START Information provided

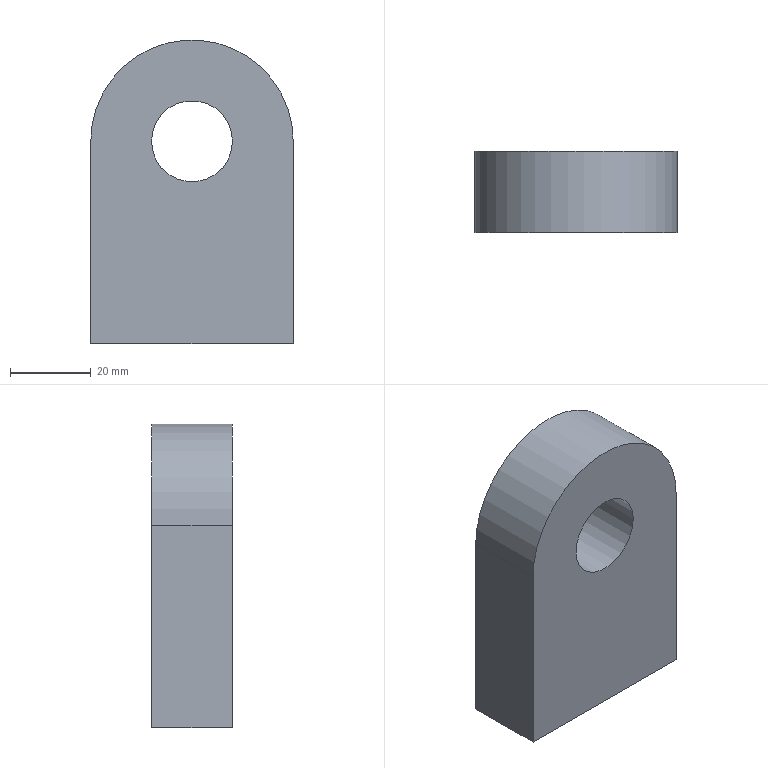Component | NX | BRACKET_1 | 1 solid | 13 faces | box 50 x 20 x 75 mm | volume 62277 mm3 | plane 5 | cylinder 4 | cone 4 | commonest cylinder face diameters 6.8 x2 50 x1 20 x1
STEP:
#1=CARTESIAN_POINT('',(0.,0.,0.));
#2=DIRECTION('',(0.,0.,1.));
#3=DIRECTION('',(1.,0.,0.));
#4=AXIS2_PLACEMENT_3D('',#1,#2,#3);
#5=CARTESIAN_POINT('',(40.5,45.,62.));
#6=VERTEX_POINT('',#5);
#7=CARTESIAN_POINT('',(40.5,45.,12.));
#8=VERTEX_POINT('',#7);
#9=CARTESIAN_POINT('',(40.5,45.,62.));
#10=DIRECTION('',(-0.,0.,-1.));
#11=VECTOR('',#10,1.);
#12=LINE('',#9,#11);
#13=CARTESIAN_POINT('',(40.5,25.,62.));
#14=DIRECTION('',(1.,0.,-0.));
#15=DIRECTION('',(0.,0.,1.));
#16=AXIS2_PLACEMENT_3D('',#13,#14,#15);
#17=PLANE('',#16);
#18=CARTESIAN_POINT('',(0.,-20.));
#19=DIRECTION('',(-1.,0.));
#20=VECTOR('',#19,1.);
#21=LINE('',#18,#20);
#22=(GEOMETRIC_REPRESENTATION_CONTEXT(2)PARAMETRIC_REPRESENTATION_CONTEXT()REPRESENTATION_CONTEXT('',''));
#23=DEFINITIONAL_REPRESENTATION('',(#21),#22);
#24=PCURVE('',#17,#23);
#25=CARTESIAN_POINT('',(65.5,45.,62.));
#26=DIRECTION('',(0.,-1.,0.));
#27=DIRECTION('',(0.,0.,-1.));
#28=AXIS2_PLACEMENT_3D('',#25,#26,#27);
#29=PLANE('',#28);
#30=CARTESIAN_POINT('',(0.,-25.));
#31=DIRECTION('',(1.,-0.));
#32=VECTOR('',#31,1.);
#33=LINE('',#30,#32);
#34=(GEOMETRIC_REPRESENTATION_CONTEXT(2)PARAMETRIC_REPRESENTATION_CONTEXT()REPRESENTATION_CONTEXT('',''));
#35=DEFINITIONAL_REPRESENTATION('',(#33),#34);
#36=PCURVE('',#29,#35);
#37=SURFACE_CURVE('',#12,(#24,#36),.PCURVE_S1.);
#38=EDGE_CURVE('',#6,#8,#37,.T.);
#39=ORIENTED_EDGE('',*,*,#38,.T.);
#40=CARTESIAN_POINT('',(40.5,25.,12.));
#41=VERTEX_POINT('',#40);
#42=CARTESIAN_POINT('',(40.5,25.,12.));
#43=DIRECTION('',(0.,1.,0.));
#44=VECTOR('',#43,1.);
#45=LINE('',#42,#44);
#46=CARTESIAN_POINT('',(-50.,0.));
#47=DIRECTION('',(0.,-1.));
#48=VECTOR('',#47,1.);
#49=LINE('',#46,#48);
#50=(GEOMETRIC_REPRESENTATION_CONTEXT(2)PARAMETRIC_REPRESENTATION_CONTEXT()REPRESENTATION_CONTEXT('',''));
#51=DEFINITIONAL_REPRESENTATION('',(#49),#50);
#52=PCURVE('',#17,#51);
#53=CARTESIAN_POINT('',(40.5,25.,12.));
#54=DIRECTION('',(-0.,0.,1.));
#55=DIRECTION('',(-1.,0.,-0.));
#56=AXIS2_PLACEMENT_3D('',#53,#54,#55);
#57=PLANE('',#56);
#58=CARTESIAN_POINT('',(0.,0.));
#59=DIRECTION('',(0.,-1.));
#60=VECTOR('',#59,1.);
#61=LINE('',#58,#60);
#62=(GEOMETRIC_REPRESENTATION_CONTEXT(2)PARAMETRIC_REPRESENTATION_CONTEXT()REPRESENTATION_CONTEXT('',''));
#63=DEFINITIONAL_REPRESENTATION('',(#61),#62);
#64=PCURVE('',#57,#63);
#65=SURFACE_CURVE('',#45,(#52,#64),.PCURVE_S1.);
#66=EDGE_CURVE('',#41,#8,#65,.T.);
#67=ORIENTED_EDGE('',*,*,#66,.F.);
#68=CARTESIAN_POINT('',(40.5,25.,62.));
#69=VERTEX_POINT('',#68);
#70=CARTESIAN_POINT('',(40.5,25.,62.));
#71=DIRECTION('',(-0.,0.,-1.));
#72=VECTOR('',#71,1.);
#73=LINE('',#70,#72);
#74=CARTESIAN_POINT('',(0.,0.));
#75=DIRECTION('',(-1.,0.));
#76=VECTOR('',#75,1.);
#77=LINE('',#74,#76);
#78=(GEOMETRIC_REPRESENTATION_CONTEXT(2)PARAMETRIC_REPRESENTATION_CONTEXT()REPRESENTATION_CONTEXT('',''));
#79=DEFINITIONAL_REPRESENTATION('',(#77),#78);
#80=PCURVE('',#17,#79);
#81=CARTESIAN_POINT('',(65.5,25.,62.));
#82=DIRECTION('',(0.,-1.,0.));
#83=DIRECTION('',(0.,0.,-1.));
#84=AXIS2_PLACEMENT_3D('',#81,#82,#83);
#85=PLANE('',#84);
#86=CARTESIAN_POINT('',(0.,-25.));
#87=DIRECTION('',(1.,-0.));
#88=VECTOR('',#87,1.);
#89=LINE('',#86,#88);
#90=(GEOMETRIC_REPRESENTATION_CONTEXT(2)PARAMETRIC_REPRESENTATION_CONTEXT()REPRESENTATION_CONTEXT('',''));
#91=DEFINITIONAL_REPRESENTATION('',(#89),#90);
#92=PCURVE('',#85,#91);
#93=SURFACE_CURVE('',#73,(#80,#92),.PCURVE_S1.);
#94=EDGE_CURVE('',#69,#41,#93,.T.);
#95=ORIENTED_EDGE('',*,*,#94,.F.);
#96=CARTESIAN_POINT('',(40.5,25.,62.));
#97=DIRECTION('',(0.,1.,0.));
#98=VECTOR('',#97,1.);
#99=LINE('',#96,#98);
#100=CARTESIAN_POINT('',(0.,0.));
#101=DIRECTION('',(0.,-1.));
#102=VECTOR('',#101,1.);
#103=LINE('',#100,#102);
#104=(GEOMETRIC_REPRESENTATION_CONTEXT(2)PARAMETRIC_REPRESENTATION_CONTEXT()REPRESENTATION_CONTEXT('',''));
#105=DEFINITIONAL_REPRESENTATION('',(#103),#104);
#106=PCURVE('',#17,#105);
#107=CARTESIAN_POINT('',(65.5,25.,62.));
#108=DIRECTION('',(0.,1.,0.));
#109=DIRECTION('',(0.,0.,1.));
#110=AXIS2_PLACEMENT_3D('',#107,#108,#109);
#111=CYLINDRICAL_SURFACE('',#110,25.);
#112=CARTESIAN_POINT('',(-1.571,0.));
#113=DIRECTION('',(0.,1.));
#114=VECTOR('',#113,1.);
#115=LINE('',#112,#114);
#116=(GEOMETRIC_REPRESENTATION_CONTEXT(2)PARAMETRIC_REPRESENTATION_CONTEXT()REPRESENTATION_CONTEXT('',''));
#117=DEFINITIONAL_REPRESENTATION('',(#115),#116);
#118=PCURVE('',#111,#117);
#119=SURFACE_CURVE('',#99,(#106,#118),.PCURVE_S1.);
#120=EDGE_CURVE('',#69,#6,#119,.T.);
#121=ORIENTED_EDGE('',*,*,#120,.T.);
#122=EDGE_LOOP('',(#39,#67,#95,#121));
#123=FACE_BOUND('',#122,.T.);
#124=ADVANCED_FACE('',(#123),#17,.F.);
#125=CARTESIAN_POINT('',(78.5,35.,12.));
#126=VERTEX_POINT('',#125);
#127=CARTESIAN_POINT('',(82.5,35.,12.));
#128=DIRECTION('',(-0.,0.,1.));
#129=DIRECTION('',(-1.,0.,-0.));
#130=AXIS2_PLACEMENT_3D('',#127,#128,#129);
#131=CIRCLE('',#130,4.);
#132=CARTESIAN_POINT('',(-42.,-10.));
#133=DIRECTION('',(1.,0.));
#134=AXIS2_PLACEMENT_2D('',#132,#133);
#135=CIRCLE('',#134,4.);
#136=(GEOMETRIC_REPRESENTATION_CONTEXT(2)PARAMETRIC_REPRESENTATION_CONTEXT()REPRESENTATION_CONTEXT('',''));
#137=DEFINITIONAL_REPRESENTATION('',(#135),#136);
#138=PCURVE('',#57,#137);
#139=CARTESIAN_POINT('',(82.5,35.,12.));
#140=DIRECTION('',(0.,0.,-1.));
#141=DIRECTION('',(0.,1.,0.));
#142=AXIS2_PLACEMENT_3D('',#139,#140,#141);
#143=CONICAL_SURFACE('',#142,4.,0.7854);
#144=CARTESIAN_POINT('',(10.996,0.));
#145=DIRECTION('',(-1.,0.));
#146=VECTOR('',#145,1.);
#147=LINE('',#144,#146);
#148=(GEOMETRIC_REPRESENTATION_CONTEXT(2)PARAMETRIC_REPRESENTATION_CONTEXT()REPRESENTATION_CONTEXT('',''));
#149=DEFINITIONAL_REPRESENTATION('',(#147),#148);
#150=PCURVE('',#143,#149);
#151=SURFACE_CURVE('',#131,(#138,#150),.PCURVE_S1.);
#152=EDGE_CURVE('',#126,#126,#151,.T.);
#153=ORIENTED_EDGE('',*,*,#152,.T.);
#154=EDGE_LOOP('',(#153));
#155=FACE_BOUND('',#154,.T.);
#156=CARTESIAN_POINT('',(44.5,35.,12.));
#157=VERTEX_POINT('',#156);
#158=CARTESIAN_POINT('',(48.5,35.,12.));
#159=DIRECTION('',(-0.,0.,1.));
#160=DIRECTION('',(-1.,0.,-0.));
#161=AXIS2_PLACEMENT_3D('',#158,#159,#160);
#162=CIRCLE('',#161,4.);
#163=CARTESIAN_POINT('',(-8.,-10.));
#164=DIRECTION('',(1.,0.));
#165=AXIS2_PLACEMENT_2D('',#163,#164);
#166=CIRCLE('',#165,4.);
#167=(GEOMETRIC_REPRESENTATION_CONTEXT(2)PARAMETRIC_REPRESENTATION_CONTEXT()REPRESENTATION_CONTEXT('',''));
#168=DEFINITIONAL_REPRESENTATION('',(#166),#167);
#169=PCURVE('',#57,#168);
#170=CARTESIAN_POINT('',(48.5,35.,12.));
#171=DIRECTION('',(0.,0.,-1.));
#172=DIRECTION('',(0.,1.,0.));
#173=AXIS2_PLACEMENT_3D('',#170,#171,#172);
#174=CONICAL_SURFACE('',#173,4.,0.7854);
#175=CARTESIAN_POINT('',(10.996,0.));
#176=DIRECTION('',(-1.,0.));
#177=VECTOR('',#176,1.);
#178=LINE('',#175,#177);
#179=(GEOMETRIC_REPRESENTATION_CONTEXT(2)PARAMETRIC_REPRESENTATION_CONTEXT()REPRESENTATION_CONTEXT('',''));
#180=DEFINITIONAL_REPRESENTATION('',(#178),#179);
#181=PCURVE('',#174,#180);
#182=SURFACE_CURVE('',#162,(#169,#181),.PCURVE_S1.);
#183=EDGE_CURVE('',#157,#157,#182,.T.);
#184=ORIENTED_EDGE('',*,*,#183,.T.);
#185=EDGE_LOOP('',(#184));
#186=FACE_BOUND('',#185,.T.);
#187=CARTESIAN_POINT('',(90.5,45.,12.));
#188=VERTEX_POINT('',#187);
#189=CARTESIAN_POINT('',(40.5,45.,12.));
#190=DIRECTION('',(1.,0.,0.));
#191=VECTOR('',#190,1.);
#192=LINE('',#189,#191);
#193=CARTESIAN_POINT('',(0.,-20.));
#194=DIRECTION('',(-1.,0.));
#195=VECTOR('',#194,1.);
#196=LINE('',#193,#195);
#197=(GEOMETRIC_REPRESENTATION_CONTEXT(2)PARAMETRIC_REPRESENTATION_CONTEXT()REPRESENTATION_CONTEXT('',''));
#198=DEFINITIONAL_REPRESENTATION('',(#196),#197);
#199=PCURVE('',#57,#198);
#200=CARTESIAN_POINT('',(50.,-25.));
#201=DIRECTION('',(-0.,1.));
#202=VECTOR('',#201,1.);
#203=LINE('',#200,#202);
#204=(GEOMETRIC_REPRESENTATION_CONTEXT(2)PARAMETRIC_REPRESENTATION_CONTEXT()REPRESENTATION_CONTEXT('',''));
#205=DEFINITIONAL_REPRESENTATION('',(#203),#204);
#206=PCURVE('',#29,#205);
#207=SURFACE_CURVE('',#192,(#199,#206),.PCURVE_S1.);
#208=EDGE_CURVE('',#8,#188,#207,.T.);
#209=ORIENTED_EDGE('',*,*,#208,.T.);
#210=CARTESIAN_POINT('',(90.5,25.,12.));
#211=VERTEX_POINT('',#210);
#212=CARTESIAN_POINT('',(90.5,25.,12.));
#213=DIRECTION('',(0.,1.,0.));
#214=VECTOR('',#213,1.);
#215=LINE('',#212,#214);
#216=CARTESIAN_POINT('',(-50.,0.));
#217=DIRECTION('',(0.,-1.));
#218=VECTOR('',#217,1.);
#219=LINE('',#216,#218);
#220=(GEOMETRIC_REPRESENTATION_CONTEXT(2)PARAMETRIC_REPRESENTATION_CONTEXT()REPRESENTATION_CONTEXT('',''));
#221=DEFINITIONAL_REPRESENTATION('',(#219),#220);
#222=PCURVE('',#57,#221);
#223=CARTESIAN_POINT('',(90.5,25.,12.));
#224=DIRECTION('',(-1.,0.,-0.));
#225=DIRECTION('',(0.,0.,-1.));
#226=AXIS2_PLACEMENT_3D('',#223,#224,#225);
#227=PLANE('',#226);
#228=CARTESIAN_POINT('',(0.,0.));
#229=DIRECTION('',(0.,-1.));
#230=VECTOR('',#229,1.);
#231=LINE('',#228,#230);
#232=(GEOMETRIC_REPRESENTATION_CONTEXT(2)PARAMETRIC_REPRESENTATION_CONTEXT()REPRESENTATION_CONTEXT('',''));
#233=DEFINITIONAL_REPRESENTATION('',(#231),#232);
#234=PCURVE('',#227,#233);
#235=SURFACE_CURVE('',#215,(#222,#234),.PCURVE_S1.);
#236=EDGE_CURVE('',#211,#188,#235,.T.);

END Information provided

_Task details_
From the data above, output exactly the lines between the one containing "#80=PCURVE('',#17,#79);" and the one containing "#89=LINE('',#86,#88);", counting both of them.

_Output of the task_
#80=PCURVE('',#17,#79);
#81=CARTESIAN_POINT('',(65.5,25.,62.));
#82=DIRECTION('',(0.,-1.,0.));
#83=DIRECTION('',(0.,0.,-1.));
#84=AXIS2_PLACEMENT_3D('',#81,#82,#83);
#85=PLANE('',#84);
#86=CARTESIAN_POINT('',(0.,-25.));
#87=DIRECTION('',(1.,-0.));
#88=VECTOR('',#87,1.);
#89=LINE('',#86,#88);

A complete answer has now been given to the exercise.